--- MATERIALS PROVIDED Enclosed Below ---

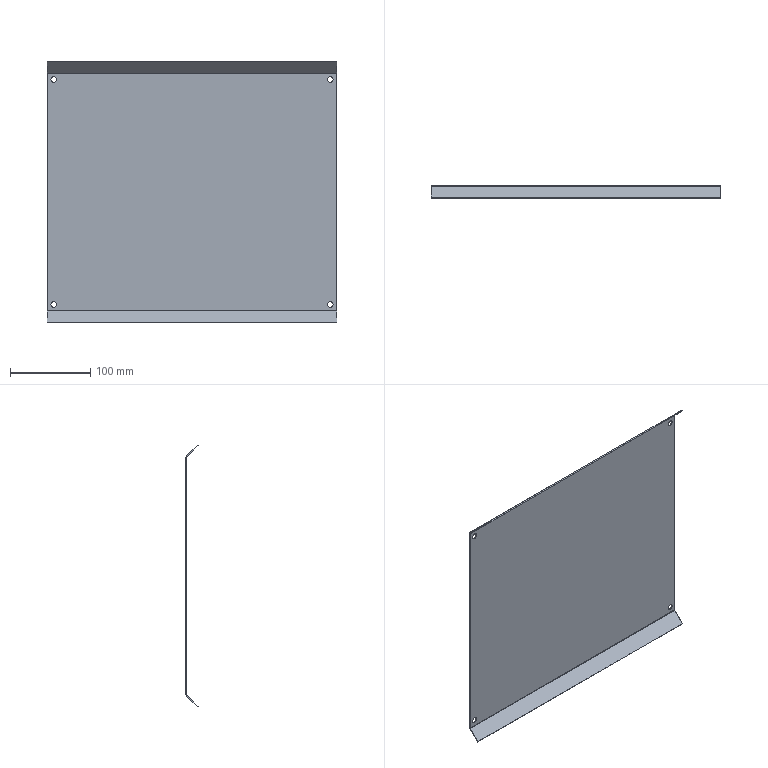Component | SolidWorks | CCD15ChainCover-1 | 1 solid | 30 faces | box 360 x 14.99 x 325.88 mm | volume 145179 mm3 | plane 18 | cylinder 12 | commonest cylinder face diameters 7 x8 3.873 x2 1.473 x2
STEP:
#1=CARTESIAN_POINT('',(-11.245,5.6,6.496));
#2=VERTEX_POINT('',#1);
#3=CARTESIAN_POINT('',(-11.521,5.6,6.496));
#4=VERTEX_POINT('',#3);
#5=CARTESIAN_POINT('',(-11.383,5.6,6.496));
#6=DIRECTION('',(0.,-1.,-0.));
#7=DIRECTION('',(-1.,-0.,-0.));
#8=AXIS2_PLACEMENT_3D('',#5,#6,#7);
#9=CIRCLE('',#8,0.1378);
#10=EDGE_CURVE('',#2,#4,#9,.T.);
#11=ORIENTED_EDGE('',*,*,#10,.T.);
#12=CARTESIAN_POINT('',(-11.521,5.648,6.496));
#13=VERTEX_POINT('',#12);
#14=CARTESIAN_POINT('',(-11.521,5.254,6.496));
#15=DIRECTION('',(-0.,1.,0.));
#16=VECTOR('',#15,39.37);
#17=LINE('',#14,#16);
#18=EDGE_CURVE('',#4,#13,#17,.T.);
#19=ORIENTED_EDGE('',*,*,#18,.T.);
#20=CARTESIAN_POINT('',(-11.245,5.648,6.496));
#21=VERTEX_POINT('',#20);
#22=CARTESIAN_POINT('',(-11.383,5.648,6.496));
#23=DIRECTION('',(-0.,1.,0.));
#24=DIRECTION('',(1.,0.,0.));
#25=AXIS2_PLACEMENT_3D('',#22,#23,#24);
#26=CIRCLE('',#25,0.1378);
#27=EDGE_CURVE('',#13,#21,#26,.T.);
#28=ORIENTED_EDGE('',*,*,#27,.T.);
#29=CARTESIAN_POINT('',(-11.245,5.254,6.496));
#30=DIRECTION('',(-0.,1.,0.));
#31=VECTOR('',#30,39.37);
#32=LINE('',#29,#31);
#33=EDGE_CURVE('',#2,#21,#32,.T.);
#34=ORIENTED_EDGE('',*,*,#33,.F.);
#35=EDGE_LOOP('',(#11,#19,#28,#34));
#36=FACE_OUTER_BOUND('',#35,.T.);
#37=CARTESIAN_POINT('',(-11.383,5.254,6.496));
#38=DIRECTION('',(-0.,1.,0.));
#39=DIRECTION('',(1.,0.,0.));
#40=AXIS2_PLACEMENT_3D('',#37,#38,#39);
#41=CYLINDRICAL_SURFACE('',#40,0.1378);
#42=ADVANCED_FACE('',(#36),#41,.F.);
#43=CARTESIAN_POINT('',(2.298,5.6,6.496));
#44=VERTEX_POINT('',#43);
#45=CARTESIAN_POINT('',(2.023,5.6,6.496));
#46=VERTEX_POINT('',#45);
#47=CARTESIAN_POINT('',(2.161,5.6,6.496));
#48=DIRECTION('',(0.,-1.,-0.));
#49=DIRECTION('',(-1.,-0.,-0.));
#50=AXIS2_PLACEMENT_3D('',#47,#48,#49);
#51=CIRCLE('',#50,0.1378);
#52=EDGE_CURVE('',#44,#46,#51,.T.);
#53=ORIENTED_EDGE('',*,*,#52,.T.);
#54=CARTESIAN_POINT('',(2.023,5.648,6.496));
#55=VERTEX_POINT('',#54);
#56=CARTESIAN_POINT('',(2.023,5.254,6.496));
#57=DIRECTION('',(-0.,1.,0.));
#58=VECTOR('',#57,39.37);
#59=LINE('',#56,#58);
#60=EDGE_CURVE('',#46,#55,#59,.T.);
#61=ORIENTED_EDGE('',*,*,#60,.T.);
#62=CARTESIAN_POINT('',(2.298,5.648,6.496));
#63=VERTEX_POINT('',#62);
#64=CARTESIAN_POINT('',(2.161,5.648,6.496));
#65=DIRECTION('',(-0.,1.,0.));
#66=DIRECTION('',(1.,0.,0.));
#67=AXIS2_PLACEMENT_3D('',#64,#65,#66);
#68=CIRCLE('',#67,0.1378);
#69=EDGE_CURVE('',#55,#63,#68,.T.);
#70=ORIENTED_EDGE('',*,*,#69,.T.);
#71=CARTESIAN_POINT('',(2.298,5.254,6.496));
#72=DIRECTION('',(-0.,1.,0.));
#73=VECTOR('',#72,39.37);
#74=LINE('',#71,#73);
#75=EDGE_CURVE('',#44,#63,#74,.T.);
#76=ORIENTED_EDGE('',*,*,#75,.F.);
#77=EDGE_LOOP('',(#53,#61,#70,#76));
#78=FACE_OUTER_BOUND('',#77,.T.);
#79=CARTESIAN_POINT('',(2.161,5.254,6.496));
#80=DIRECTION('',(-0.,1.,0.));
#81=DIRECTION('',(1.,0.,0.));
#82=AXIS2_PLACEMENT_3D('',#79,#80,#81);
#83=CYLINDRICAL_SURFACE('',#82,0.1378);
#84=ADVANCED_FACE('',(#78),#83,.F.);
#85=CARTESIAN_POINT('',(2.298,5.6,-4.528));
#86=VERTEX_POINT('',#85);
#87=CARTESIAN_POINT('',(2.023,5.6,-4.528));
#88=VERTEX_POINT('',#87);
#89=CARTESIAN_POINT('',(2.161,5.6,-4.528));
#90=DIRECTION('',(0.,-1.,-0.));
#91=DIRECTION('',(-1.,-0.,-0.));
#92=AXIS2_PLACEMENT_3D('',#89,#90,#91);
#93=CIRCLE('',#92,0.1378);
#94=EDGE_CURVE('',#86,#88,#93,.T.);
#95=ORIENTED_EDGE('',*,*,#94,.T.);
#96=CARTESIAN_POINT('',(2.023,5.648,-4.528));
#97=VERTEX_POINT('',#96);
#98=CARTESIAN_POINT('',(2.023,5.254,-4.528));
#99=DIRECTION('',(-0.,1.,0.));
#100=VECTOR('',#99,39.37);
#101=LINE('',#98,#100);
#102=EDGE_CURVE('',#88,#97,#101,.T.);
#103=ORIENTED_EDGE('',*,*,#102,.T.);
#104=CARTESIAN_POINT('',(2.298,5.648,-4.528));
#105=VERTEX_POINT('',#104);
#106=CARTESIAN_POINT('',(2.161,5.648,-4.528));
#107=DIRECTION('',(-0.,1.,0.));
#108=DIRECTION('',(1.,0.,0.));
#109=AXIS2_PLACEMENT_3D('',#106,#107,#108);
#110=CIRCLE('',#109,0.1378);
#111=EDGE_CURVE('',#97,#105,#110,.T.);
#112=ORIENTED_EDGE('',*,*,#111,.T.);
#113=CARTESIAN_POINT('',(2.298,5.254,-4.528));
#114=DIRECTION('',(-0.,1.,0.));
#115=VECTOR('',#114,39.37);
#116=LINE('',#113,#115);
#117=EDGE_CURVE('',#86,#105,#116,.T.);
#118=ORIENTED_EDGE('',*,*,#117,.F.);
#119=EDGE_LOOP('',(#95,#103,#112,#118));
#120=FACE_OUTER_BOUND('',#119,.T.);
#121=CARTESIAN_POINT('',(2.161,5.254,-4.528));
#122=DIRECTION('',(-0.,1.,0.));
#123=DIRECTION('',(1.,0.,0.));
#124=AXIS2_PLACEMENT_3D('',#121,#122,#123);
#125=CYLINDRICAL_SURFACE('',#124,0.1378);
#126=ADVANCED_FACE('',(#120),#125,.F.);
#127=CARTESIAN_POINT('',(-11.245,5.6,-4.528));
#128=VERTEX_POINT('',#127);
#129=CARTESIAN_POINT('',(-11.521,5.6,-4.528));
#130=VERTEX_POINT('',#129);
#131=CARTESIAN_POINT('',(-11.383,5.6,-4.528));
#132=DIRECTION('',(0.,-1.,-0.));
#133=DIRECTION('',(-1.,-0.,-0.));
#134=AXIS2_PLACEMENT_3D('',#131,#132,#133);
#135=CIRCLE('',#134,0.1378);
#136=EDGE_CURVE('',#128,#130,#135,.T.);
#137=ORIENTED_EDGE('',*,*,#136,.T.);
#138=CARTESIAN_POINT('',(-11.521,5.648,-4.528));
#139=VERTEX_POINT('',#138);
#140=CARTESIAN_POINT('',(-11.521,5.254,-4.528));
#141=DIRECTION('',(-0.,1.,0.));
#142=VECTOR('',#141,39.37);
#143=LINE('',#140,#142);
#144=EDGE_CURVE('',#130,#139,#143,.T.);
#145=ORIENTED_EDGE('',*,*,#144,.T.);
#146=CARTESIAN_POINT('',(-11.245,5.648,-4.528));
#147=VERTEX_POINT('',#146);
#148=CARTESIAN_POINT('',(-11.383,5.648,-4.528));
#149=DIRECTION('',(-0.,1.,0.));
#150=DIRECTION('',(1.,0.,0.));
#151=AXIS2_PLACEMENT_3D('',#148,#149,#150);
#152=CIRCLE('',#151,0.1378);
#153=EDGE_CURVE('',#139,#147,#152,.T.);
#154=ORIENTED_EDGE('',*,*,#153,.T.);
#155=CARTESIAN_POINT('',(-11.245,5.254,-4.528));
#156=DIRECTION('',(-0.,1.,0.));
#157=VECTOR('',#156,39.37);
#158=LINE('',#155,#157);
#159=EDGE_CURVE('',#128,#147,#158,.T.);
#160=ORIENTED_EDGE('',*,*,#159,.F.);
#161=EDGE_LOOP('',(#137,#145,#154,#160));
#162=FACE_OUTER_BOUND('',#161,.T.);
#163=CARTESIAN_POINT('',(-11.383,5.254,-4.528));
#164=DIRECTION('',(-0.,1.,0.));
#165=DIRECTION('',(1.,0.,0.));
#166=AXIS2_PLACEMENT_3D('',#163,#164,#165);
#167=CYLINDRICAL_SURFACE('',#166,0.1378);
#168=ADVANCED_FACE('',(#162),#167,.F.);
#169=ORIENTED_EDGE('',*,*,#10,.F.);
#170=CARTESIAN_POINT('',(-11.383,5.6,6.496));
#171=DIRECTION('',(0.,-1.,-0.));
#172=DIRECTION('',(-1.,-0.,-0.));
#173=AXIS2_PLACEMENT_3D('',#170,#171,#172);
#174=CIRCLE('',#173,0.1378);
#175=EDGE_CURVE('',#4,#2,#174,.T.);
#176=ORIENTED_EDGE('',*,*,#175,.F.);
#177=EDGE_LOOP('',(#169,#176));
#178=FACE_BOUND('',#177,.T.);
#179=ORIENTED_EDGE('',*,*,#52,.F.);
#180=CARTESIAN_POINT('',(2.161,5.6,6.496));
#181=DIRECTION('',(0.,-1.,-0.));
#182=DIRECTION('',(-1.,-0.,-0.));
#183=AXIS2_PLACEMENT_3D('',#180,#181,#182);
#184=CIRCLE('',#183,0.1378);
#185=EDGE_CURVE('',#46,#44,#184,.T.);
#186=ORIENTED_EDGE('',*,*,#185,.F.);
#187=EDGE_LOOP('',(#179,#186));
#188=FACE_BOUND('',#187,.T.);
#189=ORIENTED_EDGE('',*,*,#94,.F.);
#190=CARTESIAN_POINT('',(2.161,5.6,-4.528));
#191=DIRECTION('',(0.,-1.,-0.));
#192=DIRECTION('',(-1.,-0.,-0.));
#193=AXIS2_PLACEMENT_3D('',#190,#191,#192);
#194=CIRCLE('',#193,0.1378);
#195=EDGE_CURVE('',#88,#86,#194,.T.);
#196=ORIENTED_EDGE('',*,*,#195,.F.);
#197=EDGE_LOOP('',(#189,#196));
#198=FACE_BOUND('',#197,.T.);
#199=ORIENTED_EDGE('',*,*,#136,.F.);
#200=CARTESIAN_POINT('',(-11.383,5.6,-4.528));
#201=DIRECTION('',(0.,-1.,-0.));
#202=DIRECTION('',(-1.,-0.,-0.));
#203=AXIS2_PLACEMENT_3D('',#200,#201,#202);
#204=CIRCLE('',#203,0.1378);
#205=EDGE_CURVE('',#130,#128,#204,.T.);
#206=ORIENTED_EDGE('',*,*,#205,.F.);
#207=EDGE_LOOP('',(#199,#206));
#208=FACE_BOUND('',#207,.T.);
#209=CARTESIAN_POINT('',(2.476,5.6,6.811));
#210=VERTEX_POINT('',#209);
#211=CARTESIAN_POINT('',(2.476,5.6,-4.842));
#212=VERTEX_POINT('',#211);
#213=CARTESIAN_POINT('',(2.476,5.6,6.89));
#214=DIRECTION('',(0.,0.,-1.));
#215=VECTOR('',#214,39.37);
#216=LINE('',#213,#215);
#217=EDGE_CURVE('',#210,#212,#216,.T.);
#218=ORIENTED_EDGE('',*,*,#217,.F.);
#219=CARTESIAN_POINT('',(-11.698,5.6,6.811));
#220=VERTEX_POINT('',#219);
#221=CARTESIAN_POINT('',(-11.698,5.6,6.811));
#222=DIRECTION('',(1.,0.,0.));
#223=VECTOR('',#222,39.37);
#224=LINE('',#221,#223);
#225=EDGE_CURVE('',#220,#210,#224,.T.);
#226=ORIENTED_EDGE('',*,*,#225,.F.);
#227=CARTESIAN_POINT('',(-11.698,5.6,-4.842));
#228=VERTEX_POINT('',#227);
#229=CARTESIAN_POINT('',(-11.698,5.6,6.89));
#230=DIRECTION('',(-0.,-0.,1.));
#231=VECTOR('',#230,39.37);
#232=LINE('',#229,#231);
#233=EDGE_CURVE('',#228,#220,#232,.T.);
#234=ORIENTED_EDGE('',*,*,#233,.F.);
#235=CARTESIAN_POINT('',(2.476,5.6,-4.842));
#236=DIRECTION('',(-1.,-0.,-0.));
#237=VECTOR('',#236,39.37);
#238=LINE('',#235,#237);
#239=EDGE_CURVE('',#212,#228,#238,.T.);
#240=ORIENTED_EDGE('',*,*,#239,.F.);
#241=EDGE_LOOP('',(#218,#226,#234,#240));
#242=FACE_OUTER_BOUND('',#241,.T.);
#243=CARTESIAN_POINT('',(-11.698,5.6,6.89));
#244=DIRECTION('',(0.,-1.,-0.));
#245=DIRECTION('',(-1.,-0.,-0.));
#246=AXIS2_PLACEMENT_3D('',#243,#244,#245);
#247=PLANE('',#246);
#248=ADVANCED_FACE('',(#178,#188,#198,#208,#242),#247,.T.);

--- End of Enclosed MATERIALS PROVIDED ---

■ WHAT IS REQUIRED: Repeat exactly the lines above from the one with "#21=VERTEX_POINT('',#20);" up to and including the one with "#55=VERTEX_POINT('',#54);". No other line belongs in the reply.

■ ANSWER TO THIS PROBLEM:
#21=VERTEX_POINT('',#20);
#22=CARTESIAN_POINT('',(-11.383,5.648,6.496));
#23=DIRECTION('',(-0.,1.,0.));
#24=DIRECTION('',(1.,0.,0.));
#25=AXIS2_PLACEMENT_3D('',#22,#23,#24);
#26=CIRCLE('',#25,0.1378);
#27=EDGE_CURVE('',#13,#21,#26,.T.);
#28=ORIENTED_EDGE('',*,*,#27,.T.);
#29=CARTESIAN_POINT('',(-11.245,5.254,6.496));
#30=DIRECTION('',(-0.,1.,0.));
#31=VECTOR('',#30,39.37);
#32=LINE('',#29,#31);
#33=EDGE_CURVE('',#2,#21,#32,.T.);
#34=ORIENTED_EDGE('',*,*,#33,.F.);
#35=EDGE_LOOP('',(#11,#19,#28,#34));
#36=FACE_OUTER_BOUND('',#35,.T.);
#37=CARTESIAN_POINT('',(-11.383,5.254,6.496));
#38=DIRECTION('',(-0.,1.,0.));
#39=DIRECTION('',(1.,0.,0.));
#40=AXIS2_PLACEMENT_3D('',#37,#38,#39);
#41=CYLINDRICAL_SURFACE('',#40,0.1378);
#42=ADVANCED_FACE('',(#36),#41,.F.);
#43=CARTESIAN_POINT('',(2.298,5.6,6.496));
#44=VERTEX_POINT('',#43);
#45=CARTESIAN_POINT('',(2.023,5.6,6.496));
#46=VERTEX_POINT('',#45);
#47=CARTESIAN_POINT('',(2.161,5.6,6.496));
#48=DIRECTION('',(0.,-1.,-0.));
#49=DIRECTION('',(-1.,-0.,-0.));
#50=AXIS2_PLACEMENT_3D('',#47,#48,#49);
#51=CIRCLE('',#50,0.1378);
#52=EDGE_CURVE('',#44,#46,#51,.T.);
#53=ORIENTED_EDGE('',*,*,#52,.T.);
#54=CARTESIAN_POINT('',(2.023,5.648,6.496));
#55=VERTEX_POINT('',#54);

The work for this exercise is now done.